| Work task |
Copy out the entries below exactly as they stand, but only from the line containing "17.32, 0.0), z_axis=(0.0, 0.0, 1.0), x_axis=(-1.0, 0.0, 0.0)))" through the line containing "23.41, 0.0), z_axis=(0.0, 0.0, 1.0), x_axis=(-1.0, 0.0, 0.0)))".
(Given information Opens)
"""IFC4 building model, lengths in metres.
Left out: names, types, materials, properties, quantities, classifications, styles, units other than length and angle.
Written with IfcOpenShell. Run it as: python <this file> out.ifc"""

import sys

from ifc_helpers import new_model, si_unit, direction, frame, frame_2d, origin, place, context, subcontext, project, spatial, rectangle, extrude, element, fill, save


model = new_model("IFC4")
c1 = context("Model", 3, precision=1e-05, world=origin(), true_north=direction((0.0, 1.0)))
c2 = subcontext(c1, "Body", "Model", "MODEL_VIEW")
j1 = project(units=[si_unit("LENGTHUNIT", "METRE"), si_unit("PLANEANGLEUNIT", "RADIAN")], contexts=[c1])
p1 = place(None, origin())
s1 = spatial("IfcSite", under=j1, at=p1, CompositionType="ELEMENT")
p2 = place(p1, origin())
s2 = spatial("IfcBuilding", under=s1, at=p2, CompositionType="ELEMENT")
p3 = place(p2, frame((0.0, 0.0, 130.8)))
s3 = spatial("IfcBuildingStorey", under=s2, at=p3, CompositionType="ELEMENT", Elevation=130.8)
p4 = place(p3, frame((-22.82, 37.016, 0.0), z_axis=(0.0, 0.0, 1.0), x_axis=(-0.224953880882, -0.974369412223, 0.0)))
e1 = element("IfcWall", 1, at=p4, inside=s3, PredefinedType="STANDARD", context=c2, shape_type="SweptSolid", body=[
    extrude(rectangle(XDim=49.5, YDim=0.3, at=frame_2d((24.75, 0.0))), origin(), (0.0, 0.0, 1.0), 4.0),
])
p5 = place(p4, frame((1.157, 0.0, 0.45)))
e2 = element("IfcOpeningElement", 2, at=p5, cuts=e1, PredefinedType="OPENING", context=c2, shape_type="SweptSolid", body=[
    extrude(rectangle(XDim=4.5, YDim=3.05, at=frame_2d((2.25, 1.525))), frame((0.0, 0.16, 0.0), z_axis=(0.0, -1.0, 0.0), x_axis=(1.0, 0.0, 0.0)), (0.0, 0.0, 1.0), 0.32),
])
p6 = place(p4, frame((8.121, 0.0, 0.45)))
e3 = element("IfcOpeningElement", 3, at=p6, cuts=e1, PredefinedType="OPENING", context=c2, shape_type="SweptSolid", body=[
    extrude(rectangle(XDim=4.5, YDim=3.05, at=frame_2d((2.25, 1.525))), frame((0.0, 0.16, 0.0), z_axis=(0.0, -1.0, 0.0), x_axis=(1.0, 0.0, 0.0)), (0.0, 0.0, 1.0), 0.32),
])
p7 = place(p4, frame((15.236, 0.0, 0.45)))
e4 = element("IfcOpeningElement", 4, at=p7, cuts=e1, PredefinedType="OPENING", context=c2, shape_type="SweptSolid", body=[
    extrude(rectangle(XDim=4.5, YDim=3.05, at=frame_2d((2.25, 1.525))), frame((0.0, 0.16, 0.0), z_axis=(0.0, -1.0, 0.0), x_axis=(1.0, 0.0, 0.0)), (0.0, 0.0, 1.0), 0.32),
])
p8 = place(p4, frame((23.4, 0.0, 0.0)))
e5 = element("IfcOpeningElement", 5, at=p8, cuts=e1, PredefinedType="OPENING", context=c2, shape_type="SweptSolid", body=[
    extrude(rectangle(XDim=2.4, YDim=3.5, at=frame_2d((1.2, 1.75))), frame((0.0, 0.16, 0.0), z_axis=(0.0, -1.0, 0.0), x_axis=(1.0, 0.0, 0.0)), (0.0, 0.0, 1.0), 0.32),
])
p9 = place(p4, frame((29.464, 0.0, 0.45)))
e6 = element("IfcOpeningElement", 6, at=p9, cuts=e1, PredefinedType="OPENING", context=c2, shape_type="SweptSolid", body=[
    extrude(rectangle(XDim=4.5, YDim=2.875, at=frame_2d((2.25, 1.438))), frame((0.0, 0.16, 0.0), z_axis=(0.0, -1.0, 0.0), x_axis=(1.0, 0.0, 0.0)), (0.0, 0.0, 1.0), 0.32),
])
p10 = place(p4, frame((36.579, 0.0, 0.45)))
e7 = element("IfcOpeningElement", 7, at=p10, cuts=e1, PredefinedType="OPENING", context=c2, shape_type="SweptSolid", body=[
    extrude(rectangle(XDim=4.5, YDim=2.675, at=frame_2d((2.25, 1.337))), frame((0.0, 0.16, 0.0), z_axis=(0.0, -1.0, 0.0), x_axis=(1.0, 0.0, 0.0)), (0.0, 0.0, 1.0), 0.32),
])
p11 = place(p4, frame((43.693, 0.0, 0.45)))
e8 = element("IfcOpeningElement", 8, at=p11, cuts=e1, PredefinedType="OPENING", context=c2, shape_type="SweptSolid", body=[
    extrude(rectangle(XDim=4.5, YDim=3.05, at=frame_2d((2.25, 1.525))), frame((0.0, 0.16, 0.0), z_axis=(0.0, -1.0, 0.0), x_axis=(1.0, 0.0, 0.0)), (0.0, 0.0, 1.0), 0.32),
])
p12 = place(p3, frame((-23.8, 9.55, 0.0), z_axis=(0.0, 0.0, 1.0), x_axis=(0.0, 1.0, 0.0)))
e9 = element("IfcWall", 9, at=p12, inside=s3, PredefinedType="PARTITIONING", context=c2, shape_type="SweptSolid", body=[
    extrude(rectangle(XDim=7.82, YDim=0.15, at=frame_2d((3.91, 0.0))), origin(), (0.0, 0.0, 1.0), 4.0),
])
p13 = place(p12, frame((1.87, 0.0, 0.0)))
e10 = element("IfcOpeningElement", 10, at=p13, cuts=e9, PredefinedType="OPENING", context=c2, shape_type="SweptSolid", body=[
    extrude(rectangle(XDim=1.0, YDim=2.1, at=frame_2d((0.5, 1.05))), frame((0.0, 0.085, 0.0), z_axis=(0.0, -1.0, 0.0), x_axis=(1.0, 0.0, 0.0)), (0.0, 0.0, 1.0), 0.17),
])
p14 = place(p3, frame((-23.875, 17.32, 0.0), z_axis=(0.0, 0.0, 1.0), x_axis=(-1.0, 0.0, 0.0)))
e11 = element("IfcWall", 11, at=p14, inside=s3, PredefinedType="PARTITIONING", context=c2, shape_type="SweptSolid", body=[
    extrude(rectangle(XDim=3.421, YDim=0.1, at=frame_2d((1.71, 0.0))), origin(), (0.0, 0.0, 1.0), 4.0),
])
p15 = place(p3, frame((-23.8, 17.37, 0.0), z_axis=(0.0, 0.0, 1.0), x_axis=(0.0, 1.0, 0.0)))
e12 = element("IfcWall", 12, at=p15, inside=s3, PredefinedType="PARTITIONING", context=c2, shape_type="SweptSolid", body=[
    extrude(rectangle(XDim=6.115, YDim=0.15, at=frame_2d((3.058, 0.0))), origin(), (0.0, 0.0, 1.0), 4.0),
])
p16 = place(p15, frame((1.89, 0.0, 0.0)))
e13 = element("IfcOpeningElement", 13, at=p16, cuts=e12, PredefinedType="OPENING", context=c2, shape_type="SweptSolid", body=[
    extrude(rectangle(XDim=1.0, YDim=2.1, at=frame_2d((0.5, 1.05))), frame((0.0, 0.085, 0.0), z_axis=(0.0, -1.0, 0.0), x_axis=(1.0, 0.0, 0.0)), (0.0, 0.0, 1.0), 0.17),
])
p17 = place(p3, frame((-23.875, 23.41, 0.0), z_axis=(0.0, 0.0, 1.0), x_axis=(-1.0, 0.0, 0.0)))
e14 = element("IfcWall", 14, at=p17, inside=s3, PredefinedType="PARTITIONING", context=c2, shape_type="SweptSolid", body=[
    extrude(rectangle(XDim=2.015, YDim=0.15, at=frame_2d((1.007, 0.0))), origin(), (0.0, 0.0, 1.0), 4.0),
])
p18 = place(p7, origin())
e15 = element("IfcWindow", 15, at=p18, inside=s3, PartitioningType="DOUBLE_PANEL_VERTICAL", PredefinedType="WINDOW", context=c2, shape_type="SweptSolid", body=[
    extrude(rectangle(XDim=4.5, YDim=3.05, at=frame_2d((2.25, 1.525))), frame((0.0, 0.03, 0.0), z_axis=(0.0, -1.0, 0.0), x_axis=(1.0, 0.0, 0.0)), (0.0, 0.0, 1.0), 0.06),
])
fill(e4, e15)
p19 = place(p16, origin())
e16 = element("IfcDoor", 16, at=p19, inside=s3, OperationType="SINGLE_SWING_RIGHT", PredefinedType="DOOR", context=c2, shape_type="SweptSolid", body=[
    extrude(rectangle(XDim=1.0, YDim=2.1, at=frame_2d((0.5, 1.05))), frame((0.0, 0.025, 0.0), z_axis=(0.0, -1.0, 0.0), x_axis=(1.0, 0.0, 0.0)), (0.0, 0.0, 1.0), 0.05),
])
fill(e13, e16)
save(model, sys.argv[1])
(Given information Closes)
| Output for this exercise |
p14 = place(p3, frame((-23.875, 17.32, 0.0), z_axis=(0.0, 0.0, 1.0), x_axis=(-1.0, 0.0, 0.0)))
e11 = element("IfcWall", 11, at=p14, inside=s3, PredefinedType="PARTITIONING", context=c2, shape_type="SweptSolid", body=[
    extrude(rectangle(XDim=3.421, YDim=0.1, at=frame_2d((1.71, 0.0))), origin(), (0.0, 0.0, 1.0), 4.0),
])
p15 = place(p3, frame((-23.8, 17.37, 0.0), z_axis=(0.0, 0.0, 1.0), x_axis=(0.0, 1.0, 0.0)))
e12 = element("IfcWall", 12, at=p15, inside=s3, PredefinedType="PARTITIONING", context=c2, shape_type="SweptSolid", body=[
    extrude(rectangle(XDim=6.115, YDim=0.15, at=frame_2d((3.058, 0.0))), origin(), (0.0, 0.0, 1.0), 4.0),
])
p16 = place(p15, frame((1.89, 0.0, 0.0)))
e13 = element("IfcOpeningElement", 13, at=p16, cuts=e12, PredefinedType="OPENING", context=c2, shape_type="SweptSolid", body=[
    extrude(rectangle(XDim=1.0, YDim=2.1, at=frame_2d((0.5, 1.05))), frame((0.0, 0.085, 0.0), z_axis=(0.0, -1.0, 0.0), x_axis=(1.0, 0.0, 0.0)), (0.0, 0.0, 1.0), 0.17),
])
p17 = place(p3, frame((-23.875, 23.41, 0.0), z_axis=(0.0, 0.0, 1.0), x_axis=(-1.0, 0.0, 0.0)))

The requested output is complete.